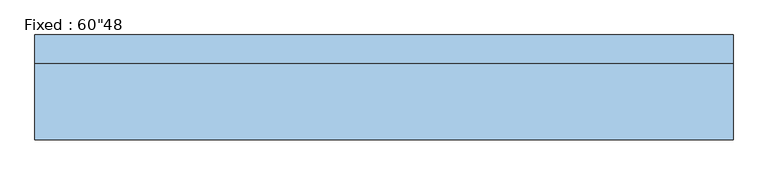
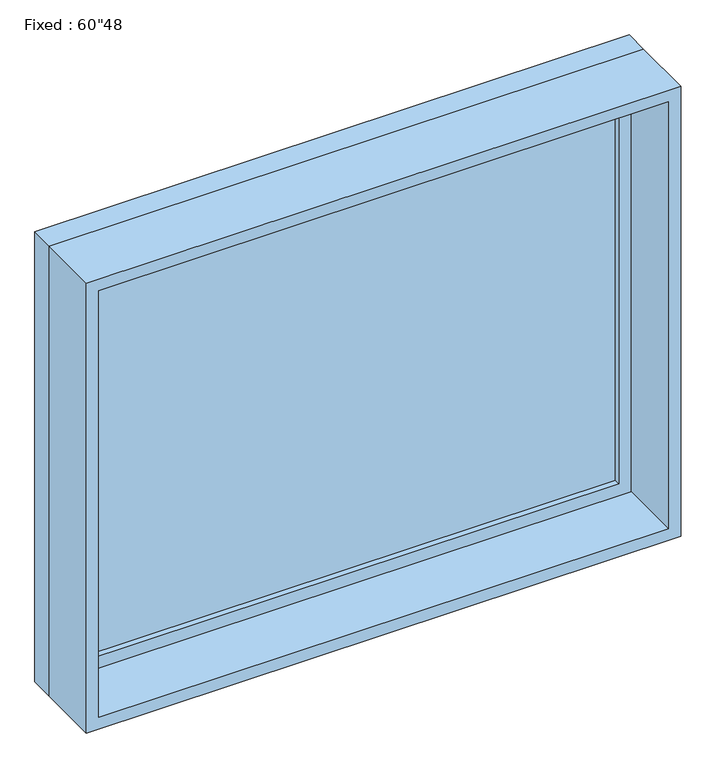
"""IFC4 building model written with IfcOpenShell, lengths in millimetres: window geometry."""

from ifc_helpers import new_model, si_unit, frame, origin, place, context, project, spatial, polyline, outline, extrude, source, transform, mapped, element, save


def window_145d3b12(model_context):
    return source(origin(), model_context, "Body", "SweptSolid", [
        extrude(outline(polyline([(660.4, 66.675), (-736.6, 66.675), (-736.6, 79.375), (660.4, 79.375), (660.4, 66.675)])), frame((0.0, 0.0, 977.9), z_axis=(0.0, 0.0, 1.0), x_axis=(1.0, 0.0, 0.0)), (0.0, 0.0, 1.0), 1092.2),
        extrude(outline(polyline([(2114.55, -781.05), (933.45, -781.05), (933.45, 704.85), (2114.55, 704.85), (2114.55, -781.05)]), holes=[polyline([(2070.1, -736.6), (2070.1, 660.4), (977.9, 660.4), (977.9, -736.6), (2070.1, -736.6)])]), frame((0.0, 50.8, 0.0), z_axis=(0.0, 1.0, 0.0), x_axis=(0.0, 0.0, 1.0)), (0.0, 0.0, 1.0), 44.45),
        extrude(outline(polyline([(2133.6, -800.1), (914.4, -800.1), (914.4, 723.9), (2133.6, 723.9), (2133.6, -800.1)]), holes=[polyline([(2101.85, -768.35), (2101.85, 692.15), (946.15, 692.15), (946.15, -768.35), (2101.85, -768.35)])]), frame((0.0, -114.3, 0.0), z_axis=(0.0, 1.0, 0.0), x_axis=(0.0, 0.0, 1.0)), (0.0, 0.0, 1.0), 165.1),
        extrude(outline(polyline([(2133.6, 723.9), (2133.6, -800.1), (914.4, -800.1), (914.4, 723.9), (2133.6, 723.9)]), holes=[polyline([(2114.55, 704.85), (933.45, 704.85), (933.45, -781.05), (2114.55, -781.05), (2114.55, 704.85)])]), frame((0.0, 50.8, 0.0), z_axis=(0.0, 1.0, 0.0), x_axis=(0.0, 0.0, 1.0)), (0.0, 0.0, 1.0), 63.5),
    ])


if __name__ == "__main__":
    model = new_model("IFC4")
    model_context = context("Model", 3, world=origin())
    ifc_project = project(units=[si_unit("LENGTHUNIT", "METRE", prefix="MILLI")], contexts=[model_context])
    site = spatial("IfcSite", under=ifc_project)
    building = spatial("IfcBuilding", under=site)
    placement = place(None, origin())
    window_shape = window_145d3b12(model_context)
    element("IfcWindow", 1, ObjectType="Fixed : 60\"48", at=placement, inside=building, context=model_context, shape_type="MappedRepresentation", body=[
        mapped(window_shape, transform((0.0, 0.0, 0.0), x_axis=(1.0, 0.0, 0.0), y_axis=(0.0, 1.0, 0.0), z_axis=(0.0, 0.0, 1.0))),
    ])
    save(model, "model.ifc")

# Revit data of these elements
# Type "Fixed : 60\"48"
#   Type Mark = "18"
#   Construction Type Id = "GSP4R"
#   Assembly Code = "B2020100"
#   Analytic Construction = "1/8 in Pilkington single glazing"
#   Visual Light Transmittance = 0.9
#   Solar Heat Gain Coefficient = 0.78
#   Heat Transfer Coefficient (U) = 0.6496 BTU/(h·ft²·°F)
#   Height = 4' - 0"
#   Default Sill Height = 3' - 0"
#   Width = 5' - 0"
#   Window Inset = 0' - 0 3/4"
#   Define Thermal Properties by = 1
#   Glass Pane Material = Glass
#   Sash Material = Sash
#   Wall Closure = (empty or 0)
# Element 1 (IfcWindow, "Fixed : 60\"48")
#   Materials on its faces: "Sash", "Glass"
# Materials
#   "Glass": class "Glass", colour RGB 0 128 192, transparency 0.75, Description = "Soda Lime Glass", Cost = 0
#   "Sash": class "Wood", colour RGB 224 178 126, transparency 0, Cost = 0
************
§ What to do
No pictures go in the copy. Set down all the data exactly.

§ Task solution
"""IFC4 building model written with IfcOpenShell, lengths in millimetres: window geometry."""

from ifc_helpers import new_model, si_unit, frame, origin, place, context, project, spatial, polyline, outline, extrude, source, transform, mapped, element, save


def window_145d3b12(model_context):
    return source(origin(), model_context, "Body", "SweptSolid", [
        extrude(outline(polyline([(660.4, 66.675), (-736.6, 66.675), (-736.6, 79.375), (660.4, 79.375), (660.4, 66.675)])), frame((0.0, 0.0, 977.9), z_axis=(0.0, 0.0, 1.0), x_axis=(1.0, 0.0, 0.0)), (0.0, 0.0, 1.0), 1092.2),
        extrude(outline(polyline([(2114.55, -781.05), (933.45, -781.05), (933.45, 704.85), (2114.55, 704.85), (2114.55, -781.05)]), holes=[polyline([(2070.1, -736.6), (2070.1, 660.4), (977.9, 660.4), (977.9, -736.6), (2070.1, -736.6)])]), frame((0.0, 50.8, 0.0), z_axis=(0.0, 1.0, 0.0), x_axis=(0.0, 0.0, 1.0)), (0.0, 0.0, 1.0), 44.45),
        extrude(outline(polyline([(2133.6, -800.1), (914.4, -800.1), (914.4, 723.9), (2133.6, 723.9), (2133.6, -800.1)]), holes=[polyline([(2101.85, -768.35), (2101.85, 692.15), (946.15, 692.15), (946.15, -768.35), (2101.85, -768.35)])]), frame((0.0, -114.3, 0.0), z_axis=(0.0, 1.0, 0.0), x_axis=(0.0, 0.0, 1.0)), (0.0, 0.0, 1.0), 165.1),
        extrude(outline(polyline([(2133.6, 723.9), (2133.6, -800.1), (914.4, -800.1), (914.4, 723.9), (2133.6, 723.9)]), holes=[polyline([(2114.55, 704.85), (933.45, 704.85), (933.45, -781.05), (2114.55, -781.05), (2114.55, 704.85)])]), frame((0.0, 50.8, 0.0), z_axis=(0.0, 1.0, 0.0), x_axis=(0.0, 0.0, 1.0)), (0.0, 0.0, 1.0), 63.5),
    ])


if __name__ == "__main__":
    model = new_model("IFC4")
    model_context = context("Model", 3, world=origin())
    ifc_project = project(units=[si_unit("LENGTHUNIT", "METRE", prefix="MILLI")], contexts=[model_context])
    site = spatial("IfcSite", under=ifc_project)
    building = spatial("IfcBuilding", under=site)
    placement = place(None, origin())
    window_shape = window_145d3b12(model_context)
    element("IfcWindow", 1, ObjectType="Fixed : 60\"48", at=placement, inside=building, context=model_context, shape_type="MappedRepresentation", body=[
        mapped(window_shape, transform((0.0, 0.0, 0.0), x_axis=(1.0, 0.0, 0.0), y_axis=(0.0, 1.0, 0.0), z_axis=(0.0, 0.0, 1.0))),
    ])
    save(model, "model.ifc")

# Revit data of these elements
# Type "Fixed : 60\"48"
#   Type Mark = "18"
#   Construction Type Id = "GSP4R"
#   Assembly Code = "B2020100"
#   Analytic Construction = "1/8 in Pilkington single glazing"
#   Visual Light Transmittance = 0.9
#   Solar Heat Gain Coefficient = 0.78
#   Heat Transfer Coefficient (U) = 0.6496 BTU/(h·ft²·°F)
#   Height = 4' - 0"
#   Default Sill Height = 3' - 0"
#   Width = 5' - 0"
#   Window Inset = 0' - 0 3/4"
#   Define Thermal Properties by = 1
#   Glass Pane Material = Glass
#   Sash Material = Sash
#   Wall Closure = (empty or 0)
# Element 1 (IfcWindow, "Fixed : 60\"48")
#   Materials on its faces: "Sash", "Glass"
# Materials
#   "Glass": class "Glass", colour RGB 0 128 192, transparency 0.75, Description = "Soda Lime Glass", Cost = 0
#   "Sash": class "Wood", colour RGB 224 178 126, transparency 0, Cost = 0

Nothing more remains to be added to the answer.